__About this exercise__: Below are entries. Reproduce exactly the lines between the line holding "(-10.5, -8)], close=True)" and the line holding "blk.add_lwpolyline(points)", inclusive, and only those.

__Stored items__:
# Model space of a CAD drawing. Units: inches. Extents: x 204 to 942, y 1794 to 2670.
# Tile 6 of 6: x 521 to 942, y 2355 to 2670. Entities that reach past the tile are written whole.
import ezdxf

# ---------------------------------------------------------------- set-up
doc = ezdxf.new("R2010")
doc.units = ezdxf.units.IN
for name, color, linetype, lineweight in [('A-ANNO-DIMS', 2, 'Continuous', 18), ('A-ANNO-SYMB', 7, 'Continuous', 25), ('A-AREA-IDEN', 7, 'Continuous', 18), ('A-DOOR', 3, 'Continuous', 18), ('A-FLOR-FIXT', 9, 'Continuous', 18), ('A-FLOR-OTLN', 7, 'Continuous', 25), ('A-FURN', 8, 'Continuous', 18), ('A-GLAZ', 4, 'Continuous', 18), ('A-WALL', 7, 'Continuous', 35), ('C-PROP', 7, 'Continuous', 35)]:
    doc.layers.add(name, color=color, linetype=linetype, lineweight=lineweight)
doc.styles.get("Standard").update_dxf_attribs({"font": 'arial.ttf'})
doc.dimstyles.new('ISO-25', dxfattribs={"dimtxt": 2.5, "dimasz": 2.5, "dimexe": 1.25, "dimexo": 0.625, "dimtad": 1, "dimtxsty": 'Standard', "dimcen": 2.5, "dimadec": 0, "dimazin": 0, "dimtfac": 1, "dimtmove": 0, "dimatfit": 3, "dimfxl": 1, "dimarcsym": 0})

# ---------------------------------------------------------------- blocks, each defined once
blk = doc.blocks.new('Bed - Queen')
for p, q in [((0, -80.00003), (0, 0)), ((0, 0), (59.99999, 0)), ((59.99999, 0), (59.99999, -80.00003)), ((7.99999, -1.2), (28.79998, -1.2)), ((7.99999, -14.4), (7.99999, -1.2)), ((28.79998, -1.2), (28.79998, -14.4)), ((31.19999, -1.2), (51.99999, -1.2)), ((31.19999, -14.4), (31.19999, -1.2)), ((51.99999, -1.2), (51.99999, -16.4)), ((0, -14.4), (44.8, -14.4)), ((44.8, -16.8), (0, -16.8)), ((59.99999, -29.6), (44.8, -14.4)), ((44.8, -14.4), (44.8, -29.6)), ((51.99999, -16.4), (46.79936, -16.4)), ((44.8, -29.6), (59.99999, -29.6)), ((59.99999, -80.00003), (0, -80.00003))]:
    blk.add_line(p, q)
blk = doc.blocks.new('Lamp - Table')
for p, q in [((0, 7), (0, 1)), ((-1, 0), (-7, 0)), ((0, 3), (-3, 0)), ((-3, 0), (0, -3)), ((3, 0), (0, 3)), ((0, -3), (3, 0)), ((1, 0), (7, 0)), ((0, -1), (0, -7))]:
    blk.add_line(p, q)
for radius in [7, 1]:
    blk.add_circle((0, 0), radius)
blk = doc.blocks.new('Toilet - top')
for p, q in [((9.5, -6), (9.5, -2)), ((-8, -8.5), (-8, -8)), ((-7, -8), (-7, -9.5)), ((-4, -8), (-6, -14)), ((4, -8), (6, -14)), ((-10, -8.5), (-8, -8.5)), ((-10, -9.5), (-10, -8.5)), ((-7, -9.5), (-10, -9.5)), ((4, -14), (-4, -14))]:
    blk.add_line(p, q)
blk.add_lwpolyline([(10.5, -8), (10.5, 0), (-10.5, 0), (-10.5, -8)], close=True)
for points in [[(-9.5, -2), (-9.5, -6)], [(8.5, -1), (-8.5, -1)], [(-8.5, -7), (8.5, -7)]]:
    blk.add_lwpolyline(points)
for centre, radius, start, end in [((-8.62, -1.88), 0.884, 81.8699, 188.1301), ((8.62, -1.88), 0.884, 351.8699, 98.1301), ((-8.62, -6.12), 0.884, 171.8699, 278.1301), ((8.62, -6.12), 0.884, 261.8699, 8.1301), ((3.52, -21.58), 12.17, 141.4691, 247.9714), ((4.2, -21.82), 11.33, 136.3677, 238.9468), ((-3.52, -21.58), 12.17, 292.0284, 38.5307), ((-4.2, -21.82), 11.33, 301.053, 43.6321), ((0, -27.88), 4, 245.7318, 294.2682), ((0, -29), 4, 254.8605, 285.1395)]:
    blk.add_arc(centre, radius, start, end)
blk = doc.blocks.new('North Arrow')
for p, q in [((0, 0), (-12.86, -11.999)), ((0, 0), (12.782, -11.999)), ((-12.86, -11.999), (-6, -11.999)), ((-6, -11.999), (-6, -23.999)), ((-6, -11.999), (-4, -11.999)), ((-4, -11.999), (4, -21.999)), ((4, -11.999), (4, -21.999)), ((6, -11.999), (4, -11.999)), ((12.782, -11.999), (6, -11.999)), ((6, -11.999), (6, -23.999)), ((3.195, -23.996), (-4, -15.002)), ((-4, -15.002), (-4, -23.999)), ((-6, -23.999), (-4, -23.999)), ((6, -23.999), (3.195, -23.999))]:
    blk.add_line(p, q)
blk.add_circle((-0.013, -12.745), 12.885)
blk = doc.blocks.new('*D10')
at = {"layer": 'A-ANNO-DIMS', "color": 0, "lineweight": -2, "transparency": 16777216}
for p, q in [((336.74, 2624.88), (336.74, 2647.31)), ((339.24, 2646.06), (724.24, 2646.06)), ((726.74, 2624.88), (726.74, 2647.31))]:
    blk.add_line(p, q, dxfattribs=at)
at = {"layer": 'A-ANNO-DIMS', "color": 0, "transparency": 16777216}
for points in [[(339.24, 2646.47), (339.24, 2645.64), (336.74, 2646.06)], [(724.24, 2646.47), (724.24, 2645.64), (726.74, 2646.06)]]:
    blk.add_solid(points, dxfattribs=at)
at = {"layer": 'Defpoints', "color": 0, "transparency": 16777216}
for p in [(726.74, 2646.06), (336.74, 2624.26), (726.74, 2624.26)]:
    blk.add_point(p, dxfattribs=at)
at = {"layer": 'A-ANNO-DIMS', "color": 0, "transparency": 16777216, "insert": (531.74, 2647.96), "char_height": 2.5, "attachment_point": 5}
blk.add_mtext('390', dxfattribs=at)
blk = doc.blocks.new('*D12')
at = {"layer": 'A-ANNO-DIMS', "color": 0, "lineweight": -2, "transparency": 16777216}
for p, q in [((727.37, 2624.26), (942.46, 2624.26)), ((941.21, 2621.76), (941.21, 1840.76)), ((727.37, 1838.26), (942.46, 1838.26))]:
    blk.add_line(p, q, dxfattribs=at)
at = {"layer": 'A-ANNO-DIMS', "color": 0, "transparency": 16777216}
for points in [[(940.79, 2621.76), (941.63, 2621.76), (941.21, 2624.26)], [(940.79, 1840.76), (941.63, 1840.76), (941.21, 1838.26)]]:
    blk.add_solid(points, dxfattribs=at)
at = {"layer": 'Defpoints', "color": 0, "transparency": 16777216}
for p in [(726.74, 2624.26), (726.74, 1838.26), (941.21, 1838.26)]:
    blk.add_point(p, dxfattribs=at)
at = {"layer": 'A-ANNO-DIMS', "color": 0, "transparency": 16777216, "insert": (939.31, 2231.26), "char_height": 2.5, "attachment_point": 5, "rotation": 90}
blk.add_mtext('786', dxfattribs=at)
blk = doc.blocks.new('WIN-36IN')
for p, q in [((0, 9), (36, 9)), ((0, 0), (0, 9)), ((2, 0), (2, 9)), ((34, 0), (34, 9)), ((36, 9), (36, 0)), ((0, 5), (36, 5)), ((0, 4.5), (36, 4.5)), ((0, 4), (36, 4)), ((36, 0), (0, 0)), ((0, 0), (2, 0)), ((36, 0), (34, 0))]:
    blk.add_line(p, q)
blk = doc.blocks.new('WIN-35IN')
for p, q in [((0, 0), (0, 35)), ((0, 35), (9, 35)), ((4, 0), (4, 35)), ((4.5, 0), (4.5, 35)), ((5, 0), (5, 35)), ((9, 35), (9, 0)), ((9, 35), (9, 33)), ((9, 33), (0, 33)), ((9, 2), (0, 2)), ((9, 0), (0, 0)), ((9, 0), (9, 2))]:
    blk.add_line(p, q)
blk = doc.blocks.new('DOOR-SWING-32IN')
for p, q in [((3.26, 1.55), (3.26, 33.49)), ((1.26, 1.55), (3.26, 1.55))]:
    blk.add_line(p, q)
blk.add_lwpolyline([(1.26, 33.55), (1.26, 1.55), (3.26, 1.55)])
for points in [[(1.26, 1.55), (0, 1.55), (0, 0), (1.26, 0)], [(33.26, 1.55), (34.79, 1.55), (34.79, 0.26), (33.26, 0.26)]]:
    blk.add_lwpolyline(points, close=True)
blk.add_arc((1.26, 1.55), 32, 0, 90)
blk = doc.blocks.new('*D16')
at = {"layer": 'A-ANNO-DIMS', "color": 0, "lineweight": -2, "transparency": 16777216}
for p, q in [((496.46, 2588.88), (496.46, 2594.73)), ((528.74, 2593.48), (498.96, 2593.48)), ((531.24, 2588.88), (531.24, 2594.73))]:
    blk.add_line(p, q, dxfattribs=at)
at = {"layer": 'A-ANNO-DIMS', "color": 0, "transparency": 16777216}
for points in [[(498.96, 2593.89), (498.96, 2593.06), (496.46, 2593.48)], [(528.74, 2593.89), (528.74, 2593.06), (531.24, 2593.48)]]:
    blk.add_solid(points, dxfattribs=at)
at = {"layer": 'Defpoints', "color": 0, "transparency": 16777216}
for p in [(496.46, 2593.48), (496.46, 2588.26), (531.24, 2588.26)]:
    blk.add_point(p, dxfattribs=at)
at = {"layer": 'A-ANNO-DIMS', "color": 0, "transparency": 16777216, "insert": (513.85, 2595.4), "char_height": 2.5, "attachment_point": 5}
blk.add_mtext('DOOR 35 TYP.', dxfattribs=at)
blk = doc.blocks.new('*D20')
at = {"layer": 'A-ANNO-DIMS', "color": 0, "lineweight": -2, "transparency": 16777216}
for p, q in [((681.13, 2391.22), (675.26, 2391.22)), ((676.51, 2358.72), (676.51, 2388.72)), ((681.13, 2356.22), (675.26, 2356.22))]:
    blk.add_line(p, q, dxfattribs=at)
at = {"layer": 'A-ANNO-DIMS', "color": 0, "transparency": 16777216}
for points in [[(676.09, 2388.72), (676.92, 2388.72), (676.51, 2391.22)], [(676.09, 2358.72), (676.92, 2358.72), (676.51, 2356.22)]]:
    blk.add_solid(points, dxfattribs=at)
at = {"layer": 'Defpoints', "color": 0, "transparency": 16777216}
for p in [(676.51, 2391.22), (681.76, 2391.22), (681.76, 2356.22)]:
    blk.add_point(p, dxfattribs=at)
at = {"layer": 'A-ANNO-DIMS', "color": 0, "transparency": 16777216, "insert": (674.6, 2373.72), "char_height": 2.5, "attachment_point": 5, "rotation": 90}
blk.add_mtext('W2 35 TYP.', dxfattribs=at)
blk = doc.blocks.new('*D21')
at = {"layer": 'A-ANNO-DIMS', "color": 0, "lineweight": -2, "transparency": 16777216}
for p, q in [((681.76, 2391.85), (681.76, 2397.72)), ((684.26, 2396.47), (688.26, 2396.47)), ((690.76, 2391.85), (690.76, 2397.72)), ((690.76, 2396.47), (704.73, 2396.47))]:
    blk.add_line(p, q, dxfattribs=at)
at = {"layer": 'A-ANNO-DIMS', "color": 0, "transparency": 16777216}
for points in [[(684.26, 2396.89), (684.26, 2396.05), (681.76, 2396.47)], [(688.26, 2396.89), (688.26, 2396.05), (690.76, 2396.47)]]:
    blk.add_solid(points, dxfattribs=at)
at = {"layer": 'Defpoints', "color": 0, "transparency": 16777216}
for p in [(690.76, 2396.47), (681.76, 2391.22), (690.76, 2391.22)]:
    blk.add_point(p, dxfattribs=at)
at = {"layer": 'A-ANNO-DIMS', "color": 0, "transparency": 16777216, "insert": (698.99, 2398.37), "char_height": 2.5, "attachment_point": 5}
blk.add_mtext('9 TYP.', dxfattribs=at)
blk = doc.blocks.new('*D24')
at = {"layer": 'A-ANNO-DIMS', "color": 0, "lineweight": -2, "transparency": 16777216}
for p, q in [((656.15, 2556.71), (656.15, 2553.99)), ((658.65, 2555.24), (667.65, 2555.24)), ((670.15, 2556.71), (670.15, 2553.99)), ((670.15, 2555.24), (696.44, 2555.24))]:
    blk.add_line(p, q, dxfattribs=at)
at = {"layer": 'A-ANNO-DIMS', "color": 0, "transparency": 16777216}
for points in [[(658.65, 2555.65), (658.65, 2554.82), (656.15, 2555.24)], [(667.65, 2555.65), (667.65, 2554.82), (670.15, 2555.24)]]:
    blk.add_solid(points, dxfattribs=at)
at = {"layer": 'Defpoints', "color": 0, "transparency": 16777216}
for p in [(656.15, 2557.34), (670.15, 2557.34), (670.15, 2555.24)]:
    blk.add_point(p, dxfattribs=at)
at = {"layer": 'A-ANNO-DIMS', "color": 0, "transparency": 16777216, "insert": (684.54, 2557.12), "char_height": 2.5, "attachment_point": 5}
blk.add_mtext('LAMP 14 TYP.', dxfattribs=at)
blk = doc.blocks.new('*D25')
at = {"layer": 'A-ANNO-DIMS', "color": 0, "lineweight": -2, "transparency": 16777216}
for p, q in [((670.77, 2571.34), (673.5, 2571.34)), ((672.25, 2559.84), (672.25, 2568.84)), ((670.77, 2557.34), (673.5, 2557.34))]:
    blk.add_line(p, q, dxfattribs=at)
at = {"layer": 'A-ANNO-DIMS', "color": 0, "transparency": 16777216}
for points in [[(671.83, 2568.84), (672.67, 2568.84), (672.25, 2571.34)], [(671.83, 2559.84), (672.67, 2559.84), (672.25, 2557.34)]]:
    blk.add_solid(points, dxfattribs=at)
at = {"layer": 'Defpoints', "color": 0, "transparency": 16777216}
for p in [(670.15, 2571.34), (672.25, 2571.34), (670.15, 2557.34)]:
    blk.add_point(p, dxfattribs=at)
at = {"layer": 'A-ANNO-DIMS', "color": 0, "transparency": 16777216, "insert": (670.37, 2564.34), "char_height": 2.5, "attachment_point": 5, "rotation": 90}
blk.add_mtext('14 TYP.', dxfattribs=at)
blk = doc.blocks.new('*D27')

__Exercise response__:
blk.add_lwpolyline([(10.5, -8), (10.5, 0), (-10.5, 0), (-10.5, -8)], close=True)
for points in [[(-9.5, -2), (-9.5, -6)], [(8.5, -1), (-8.5, -1)], [(-8.5, -7), (8.5, -7)]]:
    blk.add_lwpolyline(points)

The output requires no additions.